Where does the string "OverallDepth" occur in the entries below? Copy every line where it does.

[Data shown — start]

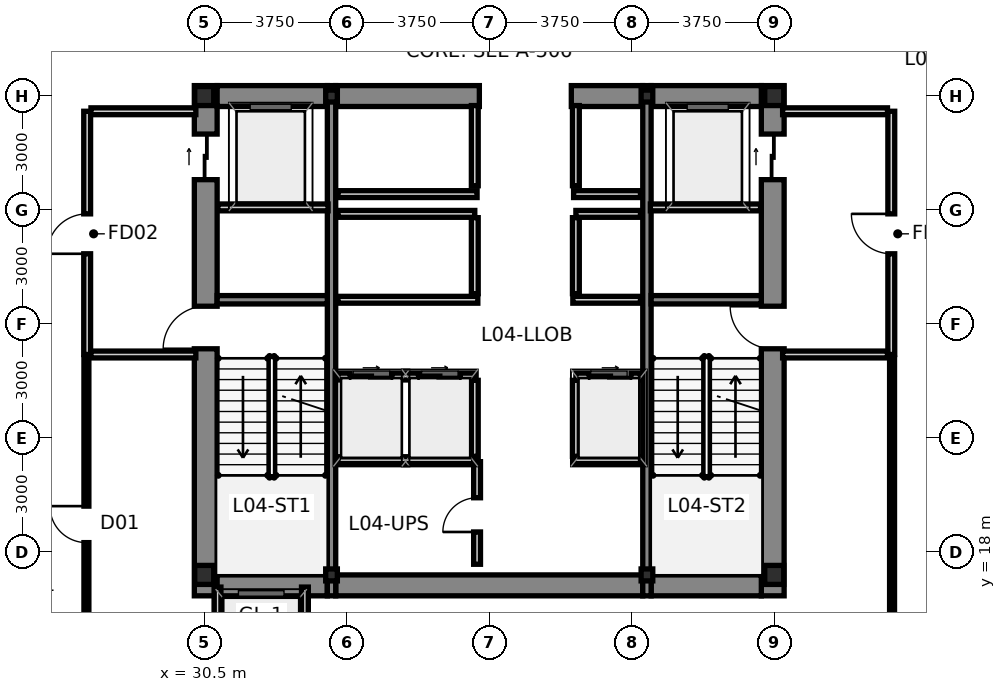
"""IFC4 building model, lengths in metres.
Left out: names, types, materials, properties, quantities, classifications, styles, units other than length and angle.
Written with IfcOpenShell. Run it as: python <this file> out.ifc"""

import sys

from ifc_helpers import new_model, si_unit, direction, frame, frame_2d, origin, origin_2d, place, context, subcontext, project, spatial, rectangle, i_section, extrude, source, transform, mapped, element, fill, save


model = new_model("IFC4")
c1 = context("Model", 3, precision=1e-05, world=origin(), true_north=direction((0.0, 1.0)))
c2 = subcontext(c1, "Body", "Model", "MODEL_VIEW")
j1 = project(units=[si_unit("LENGTHUNIT", "METRE"), si_unit("PLANEANGLEUNIT", "RADIAN")], contexts=[c1])
p1 = place(None, origin())
s1 = spatial("IfcSite", under=j1, at=p1, CompositionType="ELEMENT")
p2 = place(p1, origin())
s2 = spatial("IfcBuilding", under=s1, at=p2, CompositionType="ELEMENT")
p3 = place(p2, frame((0.0, 0.0, 18.9)))
s3 = spatial("IfcBuildingStorey", under=s2, at=p3, CompositionType="ELEMENT", Elevation=18.9)
m1 = source(origin(), c2, "Body", "SweptSolid", [
    extrude(i_section(OverallWidth=0.5, OverallDepth=0.5, WebThickness=0.028, FlangeThickness=0.04, at=origin_2d()), origin(), (0.0, 0.0, 1.0), 4.2),
])
for number, where, z_axis, x_axis in (
    (1, (30.5, 17.4, 0.0), (0.0, 0.0, 1.0), (1.0, 0.0, 0.0)),
    (2, (45.5, 17.4, 0.0), (0.0, 0.0, 1.0), (1.0, 0.0, 0.0)),
    (3, (45.5, 30.0, 0.0), (0.0, 0.0, 1.0), (1.0, 0.0, 0.0)),
    (4, (30.5, 30.0, 0.0), (0.0, 0.0, 1.0), (1.0, 0.0, 0.0)),
):
    element("IfcColumn", number, at=place(p3, frame(where, z_axis=z_axis, x_axis=x_axis)), inside=s3, PredefinedType="COLUMN", context=c2, shape_type="MappedRepresentation", body=[
        mapped(m1, transform((0.0, 0.0, 0.0), scale=1.0)),
    ])
m2 = source(origin(), c2, "Body", "SweptSolid", [
    extrude(i_section(OverallWidth=0.307, OverallDepth=0.315, WebThickness=0.012, FlangeThickness=0.019, at=origin_2d()), origin(), (0.0, 0.0, 1.0), 4.2),
])
for number, where, z_axis, x_axis in (
    (5, (33.85, 17.4, 0.0), (0.0, 0.0, 1.0), (1.0, 0.0, 0.0)),
    (6, (42.15, 17.4, 0.0), (0.0, 0.0, 1.0), (1.0, 0.0, 0.0)),
    (7, (33.85, 30.0, 0.0), (0.0, 0.0, 1.0), (1.0, 0.0, 0.0)),
    (8, (42.15, 30.0, 0.0), (0.0, 0.0, 1.0), (1.0, 0.0, 0.0)),
):
    element("IfcColumn", number, at=place(p3, frame(where, z_axis=z_axis, x_axis=x_axis)), inside=s3, PredefinedType="COLUMN", context=c2, shape_type="MappedRepresentation", body=[
        mapped(m2, transform((0.0, 0.0, 0.0), scale=1.0)),
    ])
p4 = place(p3, frame((30.54, 16.85, 0.0), z_axis=(0.0, 0.0, 1.0), x_axis=(0.0, 1.0, 0.0)))
e9 = element("IfcWall", 9, at=p4, inside=s3, PredefinedType="SHEAR", context=c2, shape_type="SweptSolid", body=[
    extrude(rectangle(XDim=13.425, YDim=0.6, at=frame_2d((6.712, 0.0))), origin(), (0.0, 0.0, 1.0), 4.2),
])
p5 = place(p4, frame((6.5, 0.0, 0.0)))
e10 = element("IfcOpeningElement", 10, at=p5, cuts=e9, PredefinedType="OPENING", context=c2, shape_type="SweptSolid", body=[
    extrude(rectangle(XDim=1.12, YDim=2.15, at=frame_2d((0.56, 1.075))), frame((0.0, 0.312, 0.0), z_axis=(0.0, -1.0, 0.0), x_axis=(1.0, 0.0, 0.0)), (0.0, 0.0, 1.0), 0.624),
])
p6 = place(p4, frame((10.95, 0.0, 0.0)))
e11 = element("IfcOpeningElement", 11, at=p6, cuts=e9, PredefinedType="OPENING", context=c2, shape_type="SweptSolid", body=[
    extrude(rectangle(XDim=1.2, YDim=2.2, at=frame_2d((0.6, 1.1))), frame((0.0, 0.312, 0.0), z_axis=(0.0, -1.0, 0.0), x_axis=(1.0, 0.0, 0.0)), (0.0, 0.0, 1.0), 0.624),
])
p7 = place(p3, frame((45.46, 16.85, 0.0), z_axis=(0.0, 0.0, 1.0), x_axis=(0.0, 1.0, 0.0)))
e12 = element("IfcWall", 12, at=p7, inside=s3, PredefinedType="SHEAR", context=c2, shape_type="SweptSolid", body=[
    extrude(rectangle(XDim=13.425, YDim=0.6, at=frame_2d((6.712, 0.0))), origin(), (0.0, 0.0, 1.0), 4.2),
])
p8 = place(p7, frame((6.5, 0.0, 0.0)))
e13 = element("IfcOpeningElement", 13, at=p8, cuts=e12, PredefinedType="OPENING", context=c2, shape_type="SweptSolid", body=[
    extrude(rectangle(XDim=1.12, YDim=2.15, at=frame_2d((0.56, 1.075))), frame((0.0, 0.312, 0.0), z_axis=(0.0, -1.0, 0.0), x_axis=(1.0, 0.0, 0.0)), (0.0, 0.0, 1.0), 0.624),
])
p9 = place(p7, frame((10.95, 0.0, 0.0)))
e14 = element("IfcOpeningElement", 14, at=p9, cuts=e12, PredefinedType="OPENING", context=c2, shape_type="SweptSolid", body=[
    extrude(rectangle(XDim=1.2, YDim=2.2, at=frame_2d((0.6, 1.1))), frame((0.0, 0.312, 0.0), z_axis=(0.0, -1.0, 0.0), x_axis=(1.0, 0.0, 0.0)), (0.0, 0.0, 1.0), 0.624),
])
p10 = place(p3, frame((30.84, 17.125, 0.0), z_axis=(0.0, 0.0, 1.0), x_axis=(1.0, 0.0, 0.0)))
e15 = element("IfcWall", 15, at=p10, inside=s3, PredefinedType="SHEAR", context=c2, shape_type="SweptSolid", body=[
    extrude(rectangle(XDim=2.9, YDim=0.55, at=frame_2d((1.45, 0.0))), origin(), (0.0, 0.0, 1.0), 4.2),
])
p11 = place(p3, frame((33.96, 17.125, 0.0), z_axis=(0.0, 0.0, 1.0), x_axis=(1.0, 0.0, 0.0)))
e16 = element("IfcWall", 16, at=p11, inside=s3, PredefinedType="SHEAR", context=c2, shape_type="SweptSolid", body=[
    extrude(rectangle(XDim=8.08, YDim=0.55, at=frame_2d((4.04, 0.0))), origin(), (0.0, 0.0, 1.0), 4.2),
])
for number, where, z_axis, x_axis in (
    (17, (42.26, 17.125, 0.0), (0.0, 0.0, 1.0), (1.0, 0.0, 0.0)),
    (18, (30.84, 30.0, 0.0), (0.0, 0.0, 1.0), (1.0, 0.0, 0.0)),
):
    element("IfcWall", number, at=place(p3, frame(where, z_axis=z_axis, x_axis=x_axis)), inside=s3, PredefinedType="SHEAR", context=c2, shape_type="SweptSolid", body=[
        extrude(rectangle(XDim=2.9, YDim=0.55, at=frame_2d((1.45, 0.0))), origin(), (0.0, 0.0, 1.0), 4.2),
    ])
p12 = place(p3, frame((33.96, 30.0, 0.0), z_axis=(0.0, 0.0, 1.0), x_axis=(1.0, 0.0, 0.0)))
e19 = element("IfcWall", 19, at=p12, inside=s3, PredefinedType="SHEAR", context=c2, shape_type="SweptSolid", body=[
    extrude(rectangle(XDim=3.78, YDim=0.55, at=frame_2d((1.89, 0.0))), origin(), (0.0, 0.0, 1.0), 4.2),
])
p13 = place(p3, frame((40.16, 30.0, 0.0), z_axis=(0.0, 0.0, 1.0), x_axis=(1.0, 0.0, 0.0)))
e20 = element("IfcWall", 20, at=p13, inside=s3, PredefinedType="SHEAR", context=c2, shape_type="SweptSolid", body=[
    extrude(rectangle(XDim=1.88, YDim=0.55, at=frame_2d((0.94, 0.0))), origin(), (0.0, 0.0, 1.0), 4.2),
])
p14 = place(p3, frame((42.26, 30.0, 0.0), z_axis=(0.0, 0.0, 1.0), x_axis=(1.0, 0.0, 0.0)))
e21 = element("IfcWall", 21, at=p14, inside=s3, PredefinedType="SHEAR", context=c2, shape_type="SweptSolid", body=[
    extrude(rectangle(XDim=2.9, YDim=0.55, at=frame_2d((1.45, 0.0))), origin(), (0.0, 0.0, 1.0), 4.2),
])
for number, where, z_axis, x_axis in (
    (22, (33.85, 16.85, 0.0), (0.0, 0.0, 1.0), (0.0, 1.0, 0.0)),
    (23, (42.15, 16.85, 0.0), (0.0, 0.0, 1.0), (0.0, 1.0, 0.0)),
):
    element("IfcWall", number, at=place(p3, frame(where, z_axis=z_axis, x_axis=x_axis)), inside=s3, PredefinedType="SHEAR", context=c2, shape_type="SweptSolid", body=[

[Data shown — finish]

Answer:
    extrude(i_section(OverallWidth=0.5, OverallDepth=0.5, WebThickness=0.028, FlangeThickness=0.04, at=origin_2d()), origin(), (0.0, 0.0, 1.0), 4.2),
    extrude(i_section(OverallWidth=0.307, OverallDepth=0.315, WebThickness=0.012, FlangeThickness=0.019, at=origin_2d()), origin(), (0.0, 0.0, 1.0), 4.2),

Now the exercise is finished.